## Exercise
Go through the data and retrieve each line that includes the string "import".

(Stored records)
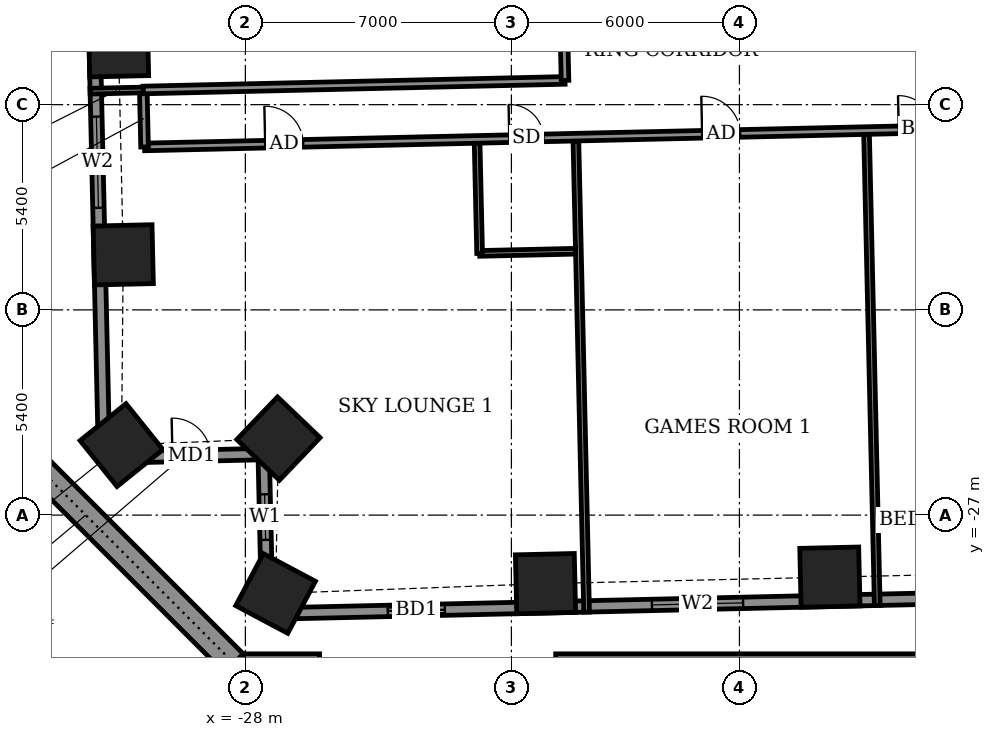
"""IFC4 building model, lengths in metres.
Left out: names, types, materials, properties, quantities, classifications, styles, units other than length and angle.
Written with IfcOpenShell. Run it as: python <this file> out.ifc"""

import sys

from ifc_helpers import new_model, si_unit, direction, frame, frame_2d, origin, origin_2d, place, context, subcontext, project, spatial, rectangle, extrude, element, fill, save


model = new_model("IFC4")
c1 = context("Model", 3, precision=1e-05, world=origin(), true_north=direction((0.0, 1.0)))
c2 = subcontext(c1, "Body", "Model", "MODEL_VIEW")
j1 = project(units=[si_unit("LENGTHUNIT", "METRE"), si_unit("PLANEANGLEUNIT", "RADIAN")], contexts=[c1])
p1 = place(None, origin())
s1 = spatial("IfcSite", under=j1, at=p1, CompositionType="ELEMENT")
p2 = place(p1, origin())
s2 = spatial("IfcBuilding", under=s1, at=p2, CompositionType="ELEMENT")
p3 = place(p2, frame((0.0, 0.0, 29.5)))
s3 = spatial("IfcBuildingStorey", under=s2, at=p3, CompositionType="ELEMENT", Elevation=29.5)
for number, where, z_axis, x_axis in (
    (1, (-31.337, -14.678, -0.55), (0.0, 0.0, 1.0), (0.023, -1.0, 0.0)),
    (2, (-31.213, -20.151, -0.55), (0.0, 0.0, 1.0), (0.023, -1.0, 0.0)),
    (3, (-31.259, -25.157, -0.55), (0.0, 0.0, 1.0), (0.627, -0.779, 0.0)),
    (4, (-27.13, -24.987, -0.55), (0.0, 0.0, 1.0), (0.723, -0.691, 0.0)),
    (5, (-27.205, -29.062, -0.55), (0.0, 0.0, 1.0), (0.883, -0.469, 0.0)),
    (6, (-20.103, -28.802, -0.55), (0.0, 0.0, 1.0), (1.0, 0.023, 0.0)),
    (7, (-12.62, -28.632, -0.55), (0.0, 0.0, 1.0), (1.0, 0.023, 0.0)),
):
    element("IfcColumn", number, at=place(p3, frame(where, z_axis=z_axis, x_axis=x_axis)), inside=s3, PredefinedType="COLUMN", context=c2, shape_type="SweptSolid", body=[
        extrude(rectangle(XDim=1.55, YDim=1.55, at=origin_2d()), origin(), (0.0, 0.0, 1.0), 4.6),
    ])
p4 = place(p3, frame((-32.087, -9.164, 0.0), z_axis=(0.0, 0.0, 1.0), x_axis=(0.022651102902, -0.999743430855, 0.0)))
e8 = element("IfcWall", 8, at=p4, inside=s3, PredefinedType="SOLIDWALL", context=c2, shape_type="SweptSolid", body=[
    extrude(rectangle(XDim=16.329, YDim=0.3, at=frame_2d((8.165, 0.0))), origin(), (0.0, 0.0, 1.0), 4.05),
])
p5 = place(p4, frame((2.042, 0.0, 0.0)))
e9 = element("IfcOpeningElement", 9, at=p5, cuts=e8, PredefinedType="OPENING", context=c2, shape_type="SweptSolid", body=[
    extrude(rectangle(XDim=1.5, YDim=2.4, at=frame_2d((0.75, 1.2))), frame((0.0, 0.16, 0.0), z_axis=(0.0, -1.0, 0.0), x_axis=(1.0, 0.0, 0.0)), (0.0, 0.0, 1.0), 0.32),
])
p6 = place(p4, frame((7.354, 0.0, 0.9)))
e10 = element("IfcOpeningElement", 10, at=p6, cuts=e8, PredefinedType="OPENING", context=c2, shape_type="SweptSolid", body=[
    extrude(rectangle(XDim=2.4, YDim=1.5, at=frame_2d((1.2, 0.75))), frame((0.0, 0.16, 0.0), z_axis=(0.0, -1.0, 0.0), x_axis=(1.0, 0.0, 0.0)), (0.0, 0.0, 1.0), 0.32),
])
p7 = place(p3, frame((-31.717, -25.489, 0.0), z_axis=(0.0, 0.0, 1.0), x_axis=(0.999744320311, 0.022611811187, 0.0)))
e11 = element("IfcWall", 11, at=p7, inside=s3, PredefinedType="SOLIDWALL", context=c2, shape_type="SweptSolid", body=[
    extrude(rectangle(XDim=4.2, YDim=0.3, at=frame_2d((2.1, 0.0))), origin(), (0.0, 0.0, 1.0), 4.05),
])
p8 = place(p7, frame((1.8, 0.0, 0.0)))
e12 = element("IfcOpeningElement", 12, at=p8, cuts=e11, PredefinedType="OPENING", context=c2, shape_type="SweptSolid", body=[
    extrude(rectangle(XDim=1.0, YDim=2.1, at=frame_2d((0.5, 1.05))), frame((0.0, 0.16, 0.0), z_axis=(0.0, -1.0, 0.0), x_axis=(1.0, 0.0, 0.0)), (0.0, 0.0, 1.0), 0.32),
])
p9 = place(p3, frame((-27.518, -25.394, 0.0), z_axis=(0.0, 0.0, 1.0), x_axis=(0.022611811187, -0.999744320311, 0.0)))
e13 = element("IfcWall", 13, at=p9, inside=s3, PredefinedType="SOLIDWALL", context=c2, shape_type="SweptSolid", body=[
    extrude(rectangle(XDim=4.2, YDim=0.3, at=frame_2d((2.1, 0.0))), origin(), (0.0, 0.0, 1.0), 3.55),
])
p10 = place(p9, frame((1.058, 0.0, 0.9)))
e14 = element("IfcOpeningElement", 14, at=p10, cuts=e13, PredefinedType="OPENING", context=c2, shape_type="SweptSolid", body=[
    extrude(rectangle(XDim=1.2, YDim=1.5, at=frame_2d((0.6, 0.75))), frame((0.0, 0.16, 0.0), z_axis=(0.0, -1.0, 0.0), x_axis=(1.0, 0.0, 0.0)), (0.0, 0.0, 1.0), 0.32),
])
p11 = place(p3, frame((-27.423, -29.593, 0.0), z_axis=(0.0, 0.0, 1.0), x_axis=(0.999742563204, 0.022689365739, 0.0)))
e15 = element("IfcWall", 15, at=p11, inside=s3, PredefinedType="SOLIDWALL", context=c2, shape_type="SweptSolid", body=[
    extrude(rectangle(XDim=52.101, YDim=0.3, at=frame_2d((26.05, 0.0))), origin(), (0.0, 0.0, 1.0), 4.05),
])
p12 = place(p11, frame((3.173, 0.0, 0.0)))
e16 = element("IfcOpeningElement", 16, at=p12, cuts=e15, PredefinedType="OPENING", context=c2, shape_type="SweptSolid", body=[
    extrude(rectangle(XDim=1.5, YDim=2.4, at=frame_2d((0.75, 1.2))), frame((0.0, 0.16, 0.0), z_axis=(0.0, -1.0, 0.0), x_axis=(1.0, 0.0, 0.0)), (0.0, 0.0, 1.0), 0.32),
])
p13 = place(p11, frame((10.123, 0.0, 0.9)))
e17 = element("IfcOpeningElement", 17, at=p13, cuts=e15, PredefinedType="OPENING", context=c2, shape_type="SweptSolid", body=[
    extrude(rectangle(XDim=2.4, YDim=1.5, at=frame_2d((1.2, 0.75))), frame((0.0, 0.16, 0.0), z_axis=(0.0, -1.0, 0.0), x_axis=(1.0, 0.0, 0.0)), (0.0, 0.0, 1.0), 0.32),
])
p14 = place(p11, frame((17.8, 0.0, 0.0)))
e18 = element("IfcOpeningElement", 18, at=p14, cuts=e15, PredefinedType="OPENING", context=c2, shape_type="SweptSolid", body=[
    extrude(rectangle(XDim=1.5, YDim=2.4, at=frame_2d((0.75, 1.2))), frame((0.0, 0.16, 0.0), z_axis=(0.0, -1.0, 0.0), x_axis=(1.0, 0.0, 0.0)), (0.0, 0.0, 1.0), 0.32),
])
p15 = place(p11, frame((23.691, 0.0, 0.0)))
e19 = element("IfcOpeningElement", 19, at=p15, cuts=e15, PredefinedType="OPENING", context=c2, shape_type="SweptSolid", body=[
    extrude(rectangle(XDim=1.5, YDim=2.4, at=frame_2d((0.75, 1.2))), frame((0.0, 0.16, 0.0), z_axis=(0.0, -1.0, 0.0), x_axis=(1.0, 0.0, 0.0)), (0.0, 0.0, 1.0), 0.32),
])
p16 = place(p11, frame((26.909, 0.0, 0.0)))
e20 = element("IfcOpeningElement", 20, at=p16, cuts=e15, PredefinedType="OPENING", context=c2, shape_type="SweptSolid", body=[
    extrude(rectangle(XDim=1.5, YDim=2.4, at=frame_2d((0.75, 1.2))), frame((0.0, 0.16, 0.0), z_axis=(0.0, -1.0, 0.0), x_axis=(1.0, 0.0, 0.0)), (0.0, 0.0, 1.0), 0.32),
])
p17 = place(p11, frame((32.825, 0.0, 0.0)))
e21 = element("IfcOpeningElement", 21, at=p17, cuts=e15, PredefinedType="OPENING", context=c2, shape_type="SweptSolid", body=[
    extrude(rectangle(XDim=1.5, YDim=2.4, at=frame_2d((0.75, 1.2))), frame((0.0, 0.16, 0.0), z_axis=(0.0, -1.0, 0.0), x_axis=(1.0, 0.0, 0.0)), (0.0, 0.0, 1.0), 0.32),
])
p18 = place(p11, frame((39.821, 0.0, 0.9)))
e22 = element("IfcOpeningElement", 22, at=p18, cuts=e15, PredefinedType="OPENING", context=c2, shape_type="SweptSolid", body=[
    extrude(rectangle(XDim=2.4, YDim=1.5, at=frame_2d((1.2, 0.75))), frame((0.0, 0.16, 0.0), z_axis=(0.0, -1.0, 0.0), x_axis=(1.0, 0.0, 0.0)), (0.0, 0.0, 1.0), 0.32),
])
p19 = place(p11, frame((46.942, 0.0, 0.9)))
e23 = element("IfcOpeningElement", 23, at=p19, cuts=e15, PredefinedType="OPENING", context=c2, shape_type="SweptSolid", body=[
    extrude(rectangle(XDim=2.4, YDim=1.5, at=frame_2d((1.2, 0.75))), frame((0.0, 0.16, 0.0), z_axis=(0.0, -1.0, 0.0), x_axis=(1.0, 0.0, 0.0)), (0.0, 0.0, 1.0), 0.32),
])
p20 = place(p3, frame((-25.941, -31.009, 0.0), z_axis=(0.0, 0.0, 1.0), x_axis=(0.999743178102, 0.022662255828, 0.0)))
e24 = element("IfcWall", 24, at=p20, inside=s3, PredefinedType="USERDEFINED", context=c2, shape_type="SweptSolid", body=[
    extrude(rectangle(XDim=6.0, YDim=0.55, at=frame_2d((3.0, 0.0))), origin(), (0.0, 0.0, 1.0), 0.8),
])
p21 = place(p3, frame((-36.097, -23.103, 0.0), z_axis=(0.0, 0.0, 1.0), x_axis=(0.707106781187, -0.707106781187, 0.0)))
e25 = element("IfcWall", 25, at=p21, inside=s3, PredefinedType="STANDARD", context=c2, shape_type="SweptSolid", body=[
    extrude(rectangle(XDim=11.022, YDim=0.7, at=frame_2d((5.511, 0.0))), origin(), (0.0, 0.0, 1.0), 0.55),
])
p22 = place(p3, frame((-28.055, -31.0, 0.0), z_axis=(0.0, 0.0, 1.0), x_axis=(1.0, 0.0, 0.0)))
e26 = element("IfcWall", 26, at=p22, inside=s3, PredefinedType="STANDARD", context=c2, shape_type="SweptSolid", body=[
    extrude(rectangle(XDim=2.007, YDim=0.7, at=frame_2d((1.003, 0.0))), origin(), (0.0, 0.0, 1.0), 0.55),
])
p23 = place(p3, frame((-19.835, -31.0, 0.0), z_axis=(0.0, 0.0, 1.0), x_axis=(1.0, 0.0, 0.0)))
e27 = element("IfcWall", 27, at=p23, inside=s3, PredefinedType="STANDARD", context=c2, shape_type="SweptSolid", body=[
    extrude(rectangle(XDim=13.791, YDim=0.7, at=frame_2d((6.896, 0.0))), origin(), (0.0, 0.0, 1.0), 0.55),
])
p24 = place(p3, frame((-19.021, -29.552, 0.0), z_axis=(0.0, 0.0, 1.0), x_axis=(-0.022741979748, 0.999741367733, 0.0)))
e28 = element("IfcWall", 28, at=p24, inside=s3, PredefinedType="PARTITIONING", context=c2, shape_type="SweptSolid", body=[
    extrude(rectangle(XDim=12.399, YDim=0.15, at=frame_2d((6.2, 0.0))), origin(), (0.0, 0.0, 1.0), 3.55),
])
p25 = place(p3, frame((-11.373, -29.379, 0.0), z_axis=(0.0, 0.0, 1.0), x_axis=(-0.022740189192, 0.999741408463, 0.0)))
e29 = element("IfcWall", 29, at=p25, inside=s3, PredefinedType="PARTITIONING", context=c2, shape_type="SweptSolid", body=[
    extrude(rectangle(XDim=12.4, YDim=0.15, at=frame_2d((6.2, 0.0))), origin(), (0.0, 0.0, 1.0), 3.55),
])
p26 = place(p3, frame((-21.836, -20.114, 0.0), z_axis=(0.0, 0.0, 1.0), x_axis=(0.99974392816, 0.022629142889, 0.0)))
e30 = element("IfcWall", 30, at=p26, inside=s3, PredefinedType="PARTITIONING", context=c2, shape_type="SweptSolid", body=[
    extrude(rectangle(XDim=2.525, YDim=0.15, at=frame_2d((1.262, 0.0))), origin(), (0.0, 0.0, 1.0), 4.05),
])
p27 = place(p3, frame((-21.836, -20.114, 0.0), z_axis=(0.0, 0.0, 1.0), x_axis=(-0.022817032779, 0.999739657619, 0.0)))
e31 = element("IfcWall", 31, at=p27, inside=s3, PredefinedType="PARTITIONING", context=c2, shape_type="SweptSolid", body=[
    extrude(rectangle(XDim=2.9, YDim=0.15, at=frame_2d((1.45, 0.0))), origin(), (0.0, 0.0, 1.0), 4.05),
])
p28 = place(p3, frame((-30.652, -17.313, 0.0), z_axis=(0.0, 0.0, 1.0), x_axis=(0.999742623764, 0.02268669719, 0.0)))
e32 = element("IfcWall", 32, at=p28, inside=s3, PredefinedType="PARTITIONING", context=c2, shape_type="SweptSolid", body=[
    extrude(rectangle(XDim=58.8, YDim=0.2, at=frame_2d((29.4, 0.0))), origin(), (0.0, 0.0, 1.0), 4.05),
])
p29 = place(p28, frame((3.175, 0.0, 0.0)))
e33 = element("IfcOpeningElement", 33, at=p29, cuts=e32, PredefinedType="OPENING", context=c2, shape_type="SweptSolid", body=[
    extrude(rectangle(XDim=1.0, YDim=2.1, at=frame_2d((0.5, 1.05))), frame((0.0, 0.11, 0.0), z_axis=(0.0, -1.0, 0.0), x_axis=(1.0, 0.0, 0.0)), (0.0, 0.0, 1.0), 0.22),
])
p30 = place(p28, frame((9.6, 0.0, 0.0)))
e34 = element("IfcOpeningElement", 34, at=p30, cuts=e32, PredefinedType="OPENING", context=c2, shape_type="SweptSolid", body=[
    extrude(rectangle(XDim=0.9, YDim=2.1, at=frame_2d((0.45, 1.05))), frame((0.0, 0.11, 0.0), z_axis=(0.0, -1.0, 0.0), x_axis=(1.0, 0.0, 0.0)), (0.0, 0.0, 1.0), 0.22),
])
p31 = place(p28, frame((14.675, 0.0, 0.0)))
e35 = element("IfcOpeningElement", 35, at=p31, cuts=e32, PredefinedType="OPENING", context=c2, shape_type="SweptSolid", body=[
    extrude(rectangle(XDim=1.0, YDim=2.1, at=frame_2d((0.5, 1.05))), frame((0.0, 0.11, 0.0), z_axis=(0.0, -1.0, 0.0), x_axis=(1.0, 0.0, 0.0)), (0.0, 0.0, 1.0), 0.22),
])
p32 = place(p28, frame((19.85, 0.0, 0.0)))
e36 = element("IfcOpeningElement", 36, at=p32, cuts=e32, PredefinedType="OPENING", context=c2, shape_type="SweptSolid", body=[
    extrude(rectangle(XDim=0.9, YDim=2.1, at=frame_2d((0.45, 1.05))), frame((0.0, 0.11, 0.0), z_axis=(0.0, -1.0, 0.0), x_axis=(1.0, 0.0, 0.0)), (0.0, 0.0, 1.0), 0.22),
])
p33 = place(p28, frame((27.25, 0.0, 0.0)))
e37 = element("IfcOpeningElement", 37, at=p33, cuts=e32, PredefinedType="OPENING", context=c2, shape_type="SweptSolid", body=[
    extrude(rectangle(XDim=0.9, YDim=2.1, at=frame_2d((0.45, 1.05))), frame((0.0, 0.11, 0.0), z_axis=(0.0, -1.0, 0.0), x_axis=(1.0, 0.0, 0.0)), (0.0, 0.0, 1.0), 0.22),
])
p34 = place(p28, frame((29.85, 0.0, 0.0)))
e38 = element("IfcOpeningElement", 38, at=p34, cuts=e32, PredefinedType="OPENING", context=c2, shape_type="SweptSolid", body=[
    extrude(rectangle(XDim=0.9, YDim=2.1, at=frame_2d((0.45, 1.05))), frame((0.0, 0.11, 0.0), z_axis=(0.0, -1.0, 0.0), x_axis=(1.0, 0.0, 0.0)), (0.0, 0.0, 1.0), 0.22),
])
p35 = place(p28, frame((37.275, 0.0, 0.0)))
e39 = element("IfcOpeningElement", 39, at=p35, cuts=e32, PredefinedType="OPENING", context=c2, shape_type="SweptSolid", body=[
    extrude(rectangle(XDim=0.9, YDim=2.1, at=frame_2d((0.45, 1.05))), frame((0.0, 0.11, 0.0), z_axis=(0.0, -1.0, 0.0), x_axis=(1.0, 0.0, 0.0)), (0.0, 0.0, 1.0), 0.22),
])
p36 = place(p28, frame((41.625, 0.0, 0.0)))
e40 = element("IfcOpeningElement", 40, at=p36, cuts=e32, PredefinedType="OPENING", context=c2, shape_type="SweptSolid", body=[
    extrude(rectangle(XDim=1.0, YDim=2.1, at=frame_2d((0.5, 1.05))), frame((0.0, 0.11, 0.0), z_axis=(0.0, -1.0, 0.0), x_axis=(1.0, 0.0, 0.0)), (0.0, 0.0, 1.0), 0.22),
])
p37 = place(p28, frame((45.95, 0.0, 0.0)))
e41 = element("IfcOpeningElement", 41, at=p37, cuts=e32, PredefinedType="OPENING", context=c2, shape_type="SweptSolid", body=[
    extrude(rectangle(XDim=0.9, YDim=2.1, at=frame_2d((0.45, 1.05))), frame((0.0, 0.11, 0.0), z_axis=(0.0, -1.0, 0.0), x_axis=(1.0, 0.0, 0.0)), (0.0, 0.0, 1.0), 0.22),
])
p38 = place(p28, frame((52.782, 0.0, 0.0)))
e42 = element("IfcOpeningElement", 42, at=p38, cuts=e32, PredefinedType="OPENING", context=c2, shape_type="SweptSolid", body=[
    extrude(rectangle(XDim=1.0, YDim=2.1, at=frame_2d((0.5, 1.05))), frame((0.0, 0.11, 0.0), z_axis=(0.0, -1.0, 0.0), x_axis=(1.0, 0.0, 0.0)), (0.0, 0.0, 1.0), 0.22),
])
p39 = place(p3, frame((-30.652, -17.313, 0.0), z_axis=(0.0, 0.0, 1.0), x_axis=(-0.022632637625, 0.99974384905, 0.0)))
e43 = element("IfcWall", 43, at=p39, inside=s3, PredefinedType="PARTITIONING", context=c2, shape_type="SweptSolid", body=[
    extrude(rectangle(XDim=1.5, YDim=0.2, at=frame_2d((0.75, 0.0))), origin(), (0.0, 0.0, 1.0), 4.05),
])
p40 = place(p3, frame((-32.086, -15.845, 0.0), z_axis=(0.0, 0.0, 1.0), x_axis=(0.999754810245, 0.022143156767, 0.0)))
e44 = element("IfcWall", 44, at=p40, inside=s3, PredefinedType="PARTITIONING", context=c2, shape_type="SweptSolid", body=[
    extrude(rectangle(XDim=1.4, YDim=0.15, at=frame_2d((0.7, 0.0))), origin(), (0.0, 0.0, 1.0), 3.55),
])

## Task result
import sys
from ifc_helpers import new_model, si_unit, direction, frame, frame_2d, origin, origin_2d, place, context, subcontext, project, spatial, rectangle, extrude, element, fill, save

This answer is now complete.